> _Requirement_
Start at the top of the records and, please, print each line exactly through the line that contains "doc.units = ezdxf.units.IN", leaving out all pictures.

━━━━━ Data supplied

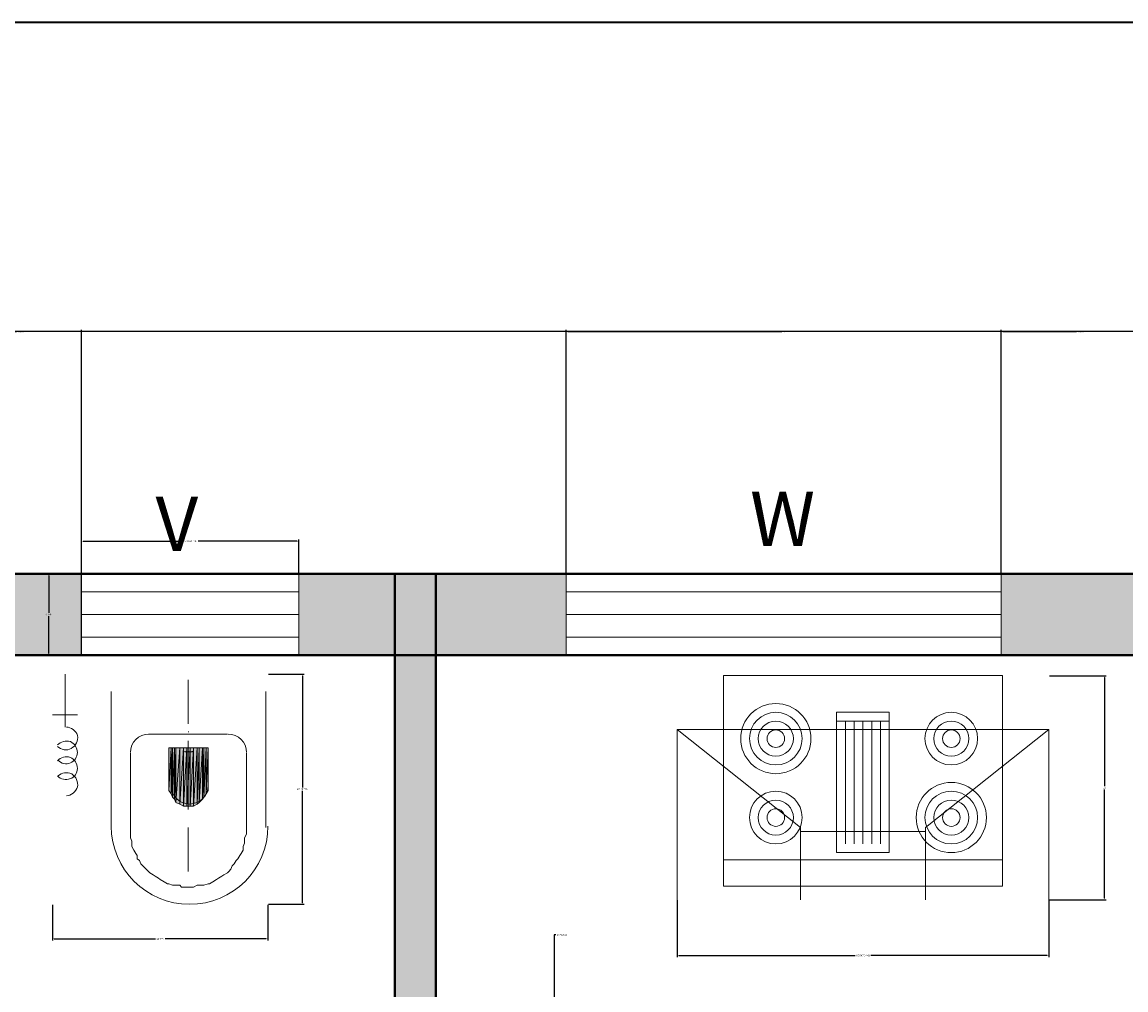
# Model space of a CAD drawing. Units: inches. Extents: x 25176543 to 25177243, y 80295576 to 80296086.
# Tile 9 of 11: x 25176879 to 25177000, y 80295979 to 80296086. Entities that reach past the tile are written whole.
import ezdxf

# ---------------------------------------------------------------- set-up
doc = ezdxf.new("R2010")
doc.units = ezdxf.units.IN
doc.header["$MEASUREMENT"] = 0
for name, color, linetype, lineweight in [('A-ANNO-DIMS', 2, 'Continuous', 18), ('A-ANNO-IDEN', 7, 'Continuous', 18), ('A-ANNO-TTLB', 7, 'Continuous', 35), ('A-EQPM', 8, 'Continuous', 18), ('A-FLOR-FIXT', 8, 'Continuous', 18), ('A-GLAZ', 4, 'Continuous', 18), ('A-WALL', 7, 'Continuous', 40), ('A-WALL-PATT', 146, 'Continuous', 13)]:
    doc.layers.add(name, color=color, linetype=linetype, lineweight=lineweight)
doc.styles.get("Standard").update_dxf_attribs({"font": 'arial.ttf'})
doc.dimstyles.get("Standard").update_dxf_attribs({"dimtxt": 0.18, "dimasz": 0.18, "dimexe": 0.18, "dimexo": 0.0625, "dimgap": 0.09, "dimtad": 0, "dimtih": 1, "dimtoh": 1, "dimdec": 4, "dimzin": 0, "dimdsep": 46, "dimtxsty": 'Standard', "dimcen": 0.09, "dimadec": 0, "dimazin": 0, "dimtfac": 1, "dimtdec": 4, "dimtofl": 0, "dimtmove": 0, "dimatfit": 3, "dimfxl": 1, "dimtolj": 1, "dimtzin": 0, "dimarcsym": 0})

# ---------------------------------------------------------------- blocks, each defined once
blk = doc.blocks.new('chimmne')
for p, q in [((17.89, 6.07), (-18.11, 6.07)), ((-18.11, 6.07), (-18.11, -10.43)), ((-6.16, -3.43), (-18.11, 6.07)), ((5.94, -3.43), (17.89, 6.07)), ((17.89, 6.07), (17.89, -10.43)), ((-6.16, -3.43), (-6.16, -10.43)), ((5.94, -3.82), (-6.16, -3.82)), ((5.94, -3.43), (5.94, -10.43))]:
    blk.add_line(p, q)
for points in [[(-13.61, -9.12), (-13.61, 11.28), (13.39, 11.28), (13.39, -9.12)], [(-2.66, -5.87), (-2.66, 7.73), (2.44, 7.73), (2.44, -5.87)]]:
    blk.add_lwpolyline(points, close=True)
for points in [[(-2.66, 6.88), (2.44, 6.88)], [(-1.81, 6.88), (-1.81, -5.02)], [(-0.96, -5.02), (-0.96, 6.88)], [(-0.11, 6.88), (-0.11, -5.02)], [(0.74, -5.02), (0.74, 6.88)], [(1.59, 6.88), (1.59, -5.02)], [(13.39, -6.57), (-13.61, -6.57)]]:
    blk.add_lwpolyline(points)
for centre, radius in [((-8.55, 5.18), 3.4), ((-8.55, 5.18), 2.55), ((8.44, 5.18), 2.55), ((-8.55, 5.18), 1.7), ((8.44, 5.18), 1.7), ((-8.55, 5.18), 0.85), ((8.44, 5.18), 0.85), ((-8.55, -2.47), 2.55), ((8.44, -2.47), 3.4), ((8.44, -2.47), 2.55), ((-8.55, -2.47), 1.7), ((8.44, -2.47), 1.7), ((-8.55, -2.47), 0.85), ((8.44, -2.47), 0.85)]:
    blk.add_circle(centre, radius)
blk = doc.blocks.new('WC-PLAN')
h = blk.add_hatch(color=256)
h.paths.add_polyline_path([(12.84, 17.3), (12.84, 12.59), (13.07, 17.3)])
h.paths.add_polyline_path([(12.84, 12.59), (13.07, 17.3), (13.07, 12.21)])
h = blk.add_hatch(color=256)
h.paths.add_polyline_path([(13.07, 17.3), (13.07, 12.21), (13.22, 17.3)])
h.paths.add_polyline_path([(13.07, 12.21), (13.22, 17.3), (13.22, 11.83)])
h = blk.add_hatch(color=256)
h.paths.add_polyline_path([(13.22, 17.3), (13.22, 11.83), (13.45, 17.3)])
h.paths.add_polyline_path([(13.22, 11.83), (13.45, 17.3), (13.45, 11.61)])
h = blk.add_hatch(color=256)
h.paths.add_polyline_path([(13.45, 17.3), (13.45, 11.61), (13.6, 17.3)])
h.paths.add_polyline_path([(13.45, 11.61), (13.6, 17.3), (13.6, 11.23)])
h = blk.add_hatch(color=256)
h.paths.add_polyline_path([(13.6, 17.3), (13.6, 11.23), (14.06, 17.3)])
h.paths.add_polyline_path([(13.6, 11.23), (14.06, 17.3), (14.06, 11.08)])
h = blk.add_hatch(color=256)
h.paths.add_polyline_path([(14.06, 17.3), (14.06, 11.08), (14.44, 17.3)])
h.paths.add_polyline_path([(14.06, 11.08), (14.44, 17.3), (14.44, 10.85)])
h = blk.add_hatch(color=256)
h.paths.add_polyline_path([(14.44, 17.3), (14.44, 10.85), (14.81, 17.3)])
h.paths.add_polyline_path([(14.44, 10.85), (14.81, 17.3), (14.81, 10.85)])
h = blk.add_hatch(color=256)
h.paths.add_polyline_path([(14.81, 17.3), (14.81, 10.85), (15.19, 17.3)])
h.paths.add_polyline_path([(14.81, 10.85), (15.19, 17.3), (15.19, 10.85)])
h = blk.add_hatch(color=256)
h.paths.add_polyline_path([(15.19, 17.3), (15.19, 10.85), (15.57, 17.3)])
h.paths.add_polyline_path([(15.19, 10.85), (15.57, 17.3), (15.57, 10.85)])
h = blk.add_hatch(color=256)
h.paths.add_polyline_path([(15.57, 17.3), (15.57, 10.85), (15.95, 17.3)])
h.paths.add_polyline_path([(15.57, 10.85), (15.95, 17.3), (15.95, 11.08)])
h = blk.add_hatch(color=256)
h.paths.add_polyline_path([(15.95, 17.3), (15.95, 11.08), (16.18, 17.3)])
h.paths.add_polyline_path([(15.95, 11.08), (16.18, 17.3), (16.18, 11.23)])
h = blk.add_hatch(color=256)
h.paths.add_polyline_path([(16.18, 17.3), (16.18, 11.23), (16.56, 17.3)])
h.paths.add_polyline_path([(16.18, 11.23), (16.56, 17.3), (16.56, 11.61)])
h = blk.add_hatch(color=256)
h.paths.add_polyline_path([(16.56, 17.3), (16.56, 11.61), (16.71, 17.3)])
h.paths.add_polyline_path([(16.56, 11.61), (16.71, 17.3), (16.71, 11.83)])
h = blk.add_hatch(color=256)
h.paths.add_polyline_path([(16.71, 17.3), (16.71, 11.83), (16.94, 17.3)])
h.paths.add_polyline_path([(16.71, 11.83), (16.94, 17.3), (16.94, 12.21)])
h = blk.add_hatch(color=256)
h.paths.add_polyline_path([(16.94, 17.3), (16.94, 12.21), (17.17, 17.3)])
h.paths.add_polyline_path([(16.94, 12.21), (17.17, 17.3), (17.17, 12.59)])
h.paths.add_polyline_path([(17.17, 17.3), (17.17, 12.59), (17.17, 12.97)])
for points in [[(1.37, 25.41), (1.37, 19.57), (1.37, 19.57)], [(14.97, 24.81), (14.97, 19.95), (14.97, 19.95)], [(6.47, 23.52), (6.47, 8.5), (6.47, 8.5)], [(23.54, 23.52), (23.54, 8.5), (23.54, 8.5)], [(2.73, 20.94), (0, 20.94), (0, 20.94)], [(19.29, 18.81), (10.57, 18.81), (10.57, 18.81)], [(14.97, 19.04), (15.04, 19.04), (15.04, 19.04)], [(17.17, 17.3), (12.84, 17.3), (12.84, 17.3)], [(12.84, 17.3), (12.84, 12.97), (12.84, 12.97)], [(14.97, 18.05), (14.97, 10.47), (14.97, 10.47)], [(17.17, 17.3), (17.17, 12.97), (17.17, 12.97)], [(8.59, 16.69), (8.59, 9.48), (8.59, 9.48)], [(14.59, 16.84), (14.59, 16.92), (14.59, 16.92)], [(14.97, 16.84), (14.81, 16.84), (14.59, 16.84)], [(14.97, 16.84), (15.04, 16.92), (15.04, 16.92)], [(15.42, 16.84), (15.19, 16.84), (14.97, 16.84)], [(15.42, 16.84), (15.42, 16.92), (15.42, 16.92)], [(21.41, 16.69), (21.41, 9.48), (21.41, 9.48)], [(21.41, 9.48), (21.41, 8.72), (21.41, 8.12), (21.41, 7.74), (21.19, 7.36), (21.19, 6.98), (21.19, 6.75), (21.04, 6.37), (21.04, 5.99), (20.81, 5.61), (20.66, 5.39), (20.43, 5.01), (20.28, 4.85), (20.05, 4.48), (19.82, 4.25), (19.67, 3.87), (19.44, 3.64), (19.29, 3.49), (18.91, 3.26), (18.68, 3.11), (18.3, 2.88), (18.08, 2.73), (17.7, 2.5), (17.32, 2.28), (17.17, 2.28), (16.71, 2.12), (16.33, 2.12), (15.95, 2.12), (15.57, 1.9), (14.97, 1.9), (14.21, 1.9), (14.06, 2.12), (13.6, 2.12), (13.22, 2.12), (12.84, 2.28), (12.69, 2.28), (12.31, 2.5), (11.86, 2.73), (11.7, 2.88), (11.33, 3.11), (11.1, 3.26), (10.72, 3.49), (10.57, 3.64), (10.34, 3.87), (9.96, 4.25), (9.73, 4.48), (9.58, 4.85), (9.35, 5.01), (9.35, 5.39), (9.2, 5.61), (8.97, 5.99), (8.75, 6.37), (8.75, 6.75), (8.75, 6.98), (8.59, 7.36), (8.59, 7.74), (8.59, 8.12), (8.59, 8.72), (8.59, 9.48)], [(14.97, 8.5), (14.97, 3.64), (14.97, 3.64)]]:
    blk.add_lwpolyline(points)
for points in [[(12.84, 17.3), (12.84, 12.97)], [(12.84, 12.97), (12.84, 17.3), (12.84, 12.59)], [(12.84, 17.3), (12.84, 12.59), (13.07, 17.3)], [(12.84, 12.59), (13.07, 17.3), (13.07, 12.21)], [(13.07, 17.3), (13.07, 12.21), (13.22, 17.3)], [(13.07, 12.21), (13.22, 17.3), (13.22, 11.83)], [(13.22, 17.3), (13.22, 11.83), (13.45, 17.3)], [(13.22, 11.83), (13.45, 17.3), (13.45, 11.61)], [(13.45, 17.3), (13.45, 11.61), (13.6, 17.3)], [(13.45, 11.61), (13.6, 17.3), (13.6, 11.23)], [(13.6, 17.3), (13.6, 11.23), (14.06, 17.3)], [(13.6, 11.23), (14.06, 17.3), (14.06, 11.08)], [(14.06, 17.3), (14.06, 11.08), (14.44, 17.3)], [(14.06, 11.08), (14.44, 17.3), (14.44, 10.85)], [(14.44, 17.3), (14.44, 10.85), (14.81, 17.3)], [(14.44, 10.85), (14.81, 17.3), (14.81, 10.85)], [(14.81, 17.3), (14.81, 10.85), (15.19, 17.3)], [(14.81, 10.85), (15.19, 17.3), (15.19, 10.85)], [(15.19, 17.3), (15.19, 10.85), (15.57, 17.3)], [(15.19, 10.85), (15.57, 17.3), (15.57, 10.85)], [(15.57, 17.3), (15.57, 10.85), (15.95, 17.3)], [(15.57, 10.85), (15.95, 17.3), (15.95, 11.08)], [(15.95, 17.3), (15.95, 11.08), (16.18, 17.3)], [(15.95, 11.08), (16.18, 17.3), (16.18, 11.23)], [(16.18, 17.3), (16.18, 11.23), (16.56, 17.3)], [(16.18, 11.23), (16.56, 17.3), (16.56, 11.61)], [(16.56, 17.3), (16.56, 11.61), (16.71, 17.3)], [(16.56, 11.61), (16.71, 17.3), (16.71, 11.83)], [(16.71, 17.3), (16.71, 11.83), (16.94, 17.3)], [(16.71, 11.83), (16.94, 17.3), (16.94, 12.21)], [(16.94, 17.3), (16.94, 12.21), (17.17, 17.3)], [(16.94, 12.21), (17.17, 17.3), (17.17, 12.59)], [(17.17, 17.3), (17.17, 12.59), (17.17, 12.97)], [(17.17, 12.59), (17.17, 17.3), (17.17, 17.3)]]:
    blk.add_lwpolyline(points, close=True)
for points, knots in [([(0.53, 17.45), (0.91, 17.07), (1.59, 16.92), (2.05, 17.22), (2.05, 17.22), (2.58, 17.52), (2.88, 18.05), (2.73, 18.66), (2.73, 18.66), (2.58, 19.19), (2.05, 19.57), (1.52, 19.57)], [0, 0, 0, 0, 0.083333, 0.083333, 0.083333, 0.083334, 0.166667, 0.166667, 0.166667, 0.166668, 1, 1, 1, 1]), ([(0.61, 15.93), (0.91, 15.55), (1.52, 15.4), (1.97, 15.63), (1.97, 15.63), (2.43, 15.78), (2.73, 16.31), (2.73, 16.76), (2.73, 16.76), (2.73, 17.3), (2.43, 17.75), (1.97, 17.98), (1.97, 17.98), (1.44, 18.13), (0.91, 17.98), (0.53, 17.6)], [0, 0, 0, 0, 0.0625, 0.0625, 0.0625, 0.062501, 0.125, 0.125, 0.125, 0.125001, 0.1875, 0.1875, 0.1875, 0.187501, 1, 1, 1, 1]), ([(0.53, 14.19), (0.91, 13.81), (1.44, 13.65), (1.97, 13.88), (1.97, 13.88), (2.43, 14.03), (2.73, 14.49), (2.73, 15.02), (2.73, 15.02), (2.73, 15.55), (2.43, 16.01), (1.97, 16.23), (1.97, 16.23), (1.44, 16.39), (0.91, 16.23), (0.53, 15.85)], [0, 0, 0, 0, 0.0625, 0.0625, 0.0625, 0.062501, 0.125, 0.125, 0.125, 0.125001, 0.1875, 0.1875, 0.1875, 0.187501, 1, 1, 1, 1]), ([(1.52, 11.99), (2.05, 11.99), (2.58, 12.44), (2.73, 12.97), (2.73, 12.97), (2.88, 13.5), (2.58, 14.11), (2.12, 14.41), (2.12, 14.41), (1.59, 14.64), (0.99, 14.56), (0.61, 14.19)], [0, 0, 0, 0, 0.083333, 0.083333, 0.083333, 0.083334, 0.166667, 0.166667, 0.166667, 0.166668, 1, 1, 1, 1]), ([(13.07, 13.12), (13.07, 11.99), (13.98, 11.08), (15.12, 11.08), (15.12, 11.08), (16.26, 11.08), (17.17, 11.99), (17.17, 13.12)], [0, 0, 0, 0, 0.125, 0.125, 0.125, 0.125001, 1, 1, 1, 1]), ([(6.47, 8.65), (6.47, 3.87), (10.34, 0), (15.12, 0), (15.12, 0), (19.9, 0), (23.77, 3.87), (23.77, 8.65)], [0, 0, 0, 0, 0.125, 0.125, 0.125, 0.125001, 1, 1, 1, 1])]:
    blk.add_open_spline(points, degree=3, knots=knots)
for points in [[(10.64, 18.81), (9.5, 18.81), (8.59, 17.9), (8.59, 16.76)], [(21.41, 16.76), (21.41, 17.9), (20.5, 18.81), (19.37, 18.81)]]:
    blk.add_open_spline(points, degree=3)
blk = doc.blocks.new('VENT-WIN-24IN')
for p, q in [((0, 9), (0, 0)), ((0, 9), (24, 9)), ((24, 0), (24, 9)), ((0, 7), (24, 7)), ((0, 4.5), (24, 4.5)), ((24, 2), (0, 2)), ((0, 0), (24, 0))]:
    blk.add_line(p, q)
blk = doc.blocks.new('*D22')
at = {"layer": 'A-ANNO-DIMS', "color": 0, "lineweight": -2, "transparency": 16777216}
for p, q in [((25176885.19, 80296025.36), (25176885.19, 80296029.08)), ((25176885.37, 80296028.9), (25176896.28, 80296028.9)), ((25176909.01, 80296028.9), (25176898.09, 80296028.9)), ((25176909.19, 80296025.36), (25176909.19, 80296029.08))]:
    blk.add_line(p, q, dxfattribs=at)
at = {"layer": 'A-ANNO-DIMS', "color": 0, "transparency": 16777216}
for points in [[(25176885.37, 80296028.93), (25176885.37, 80296028.87), (25176885.19, 80296028.9)], [(25176909.01, 80296028.93), (25176909.01, 80296028.87), (25176909.19, 80296028.9)]]:
    blk.add_solid(points, dxfattribs=at)
at = {"layer": 'Defpoints', "color": 0, "transparency": 16777216}
for p in [(25176885.19, 80296028.9), (25176885.19, 80296025.3), (25176909.19, 80296025.3)]:
    blk.add_point(p, dxfattribs=at)
at = {"layer": 'A-ANNO-DIMS', "color": 0, "transparency": 16777216, "insert": (25176897.19, 80296028.9), "char_height": 0.18, "attachment_point": 5}
blk.add_mtext('\\A1;VENT 24 TYP.', dxfattribs=at)
blk = doc.blocks.new('*D23')
at = {"layer": 'A-ANNO-DIMS', "color": 0, "lineweight": -2, "transparency": 16777216}
for p, q in [((25176885.12, 80296025.3), (25176881.41, 80296025.3)), ((25176881.59, 80296025.12), (25176881.59, 80296020.98)), ((25176881.59, 80296016.48), (25176881.59, 80296020.62)), ((25176885.12, 80296016.3), (25176881.41, 80296016.3))]:
    blk.add_line(p, q, dxfattribs=at)
at = {"layer": 'A-ANNO-DIMS', "color": 0, "transparency": 16777216}
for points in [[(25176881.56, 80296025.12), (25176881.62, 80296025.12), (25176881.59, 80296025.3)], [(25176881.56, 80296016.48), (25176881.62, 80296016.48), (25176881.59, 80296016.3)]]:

━━━━━━━━━━

> _Response_
# Model space of a CAD drawing. Units: inches. Extents: x 25176543 to 25177243, y 80295576 to 80296086.
# Tile 9 of 11: x 25176879 to 25177000, y 80295979 to 80296086. Entities that reach past the tile are written whole.
import ezdxf

# ---------------------------------------------------------------- set-up
doc = ezdxf.new("R2010")
doc.units = ezdxf.units.IN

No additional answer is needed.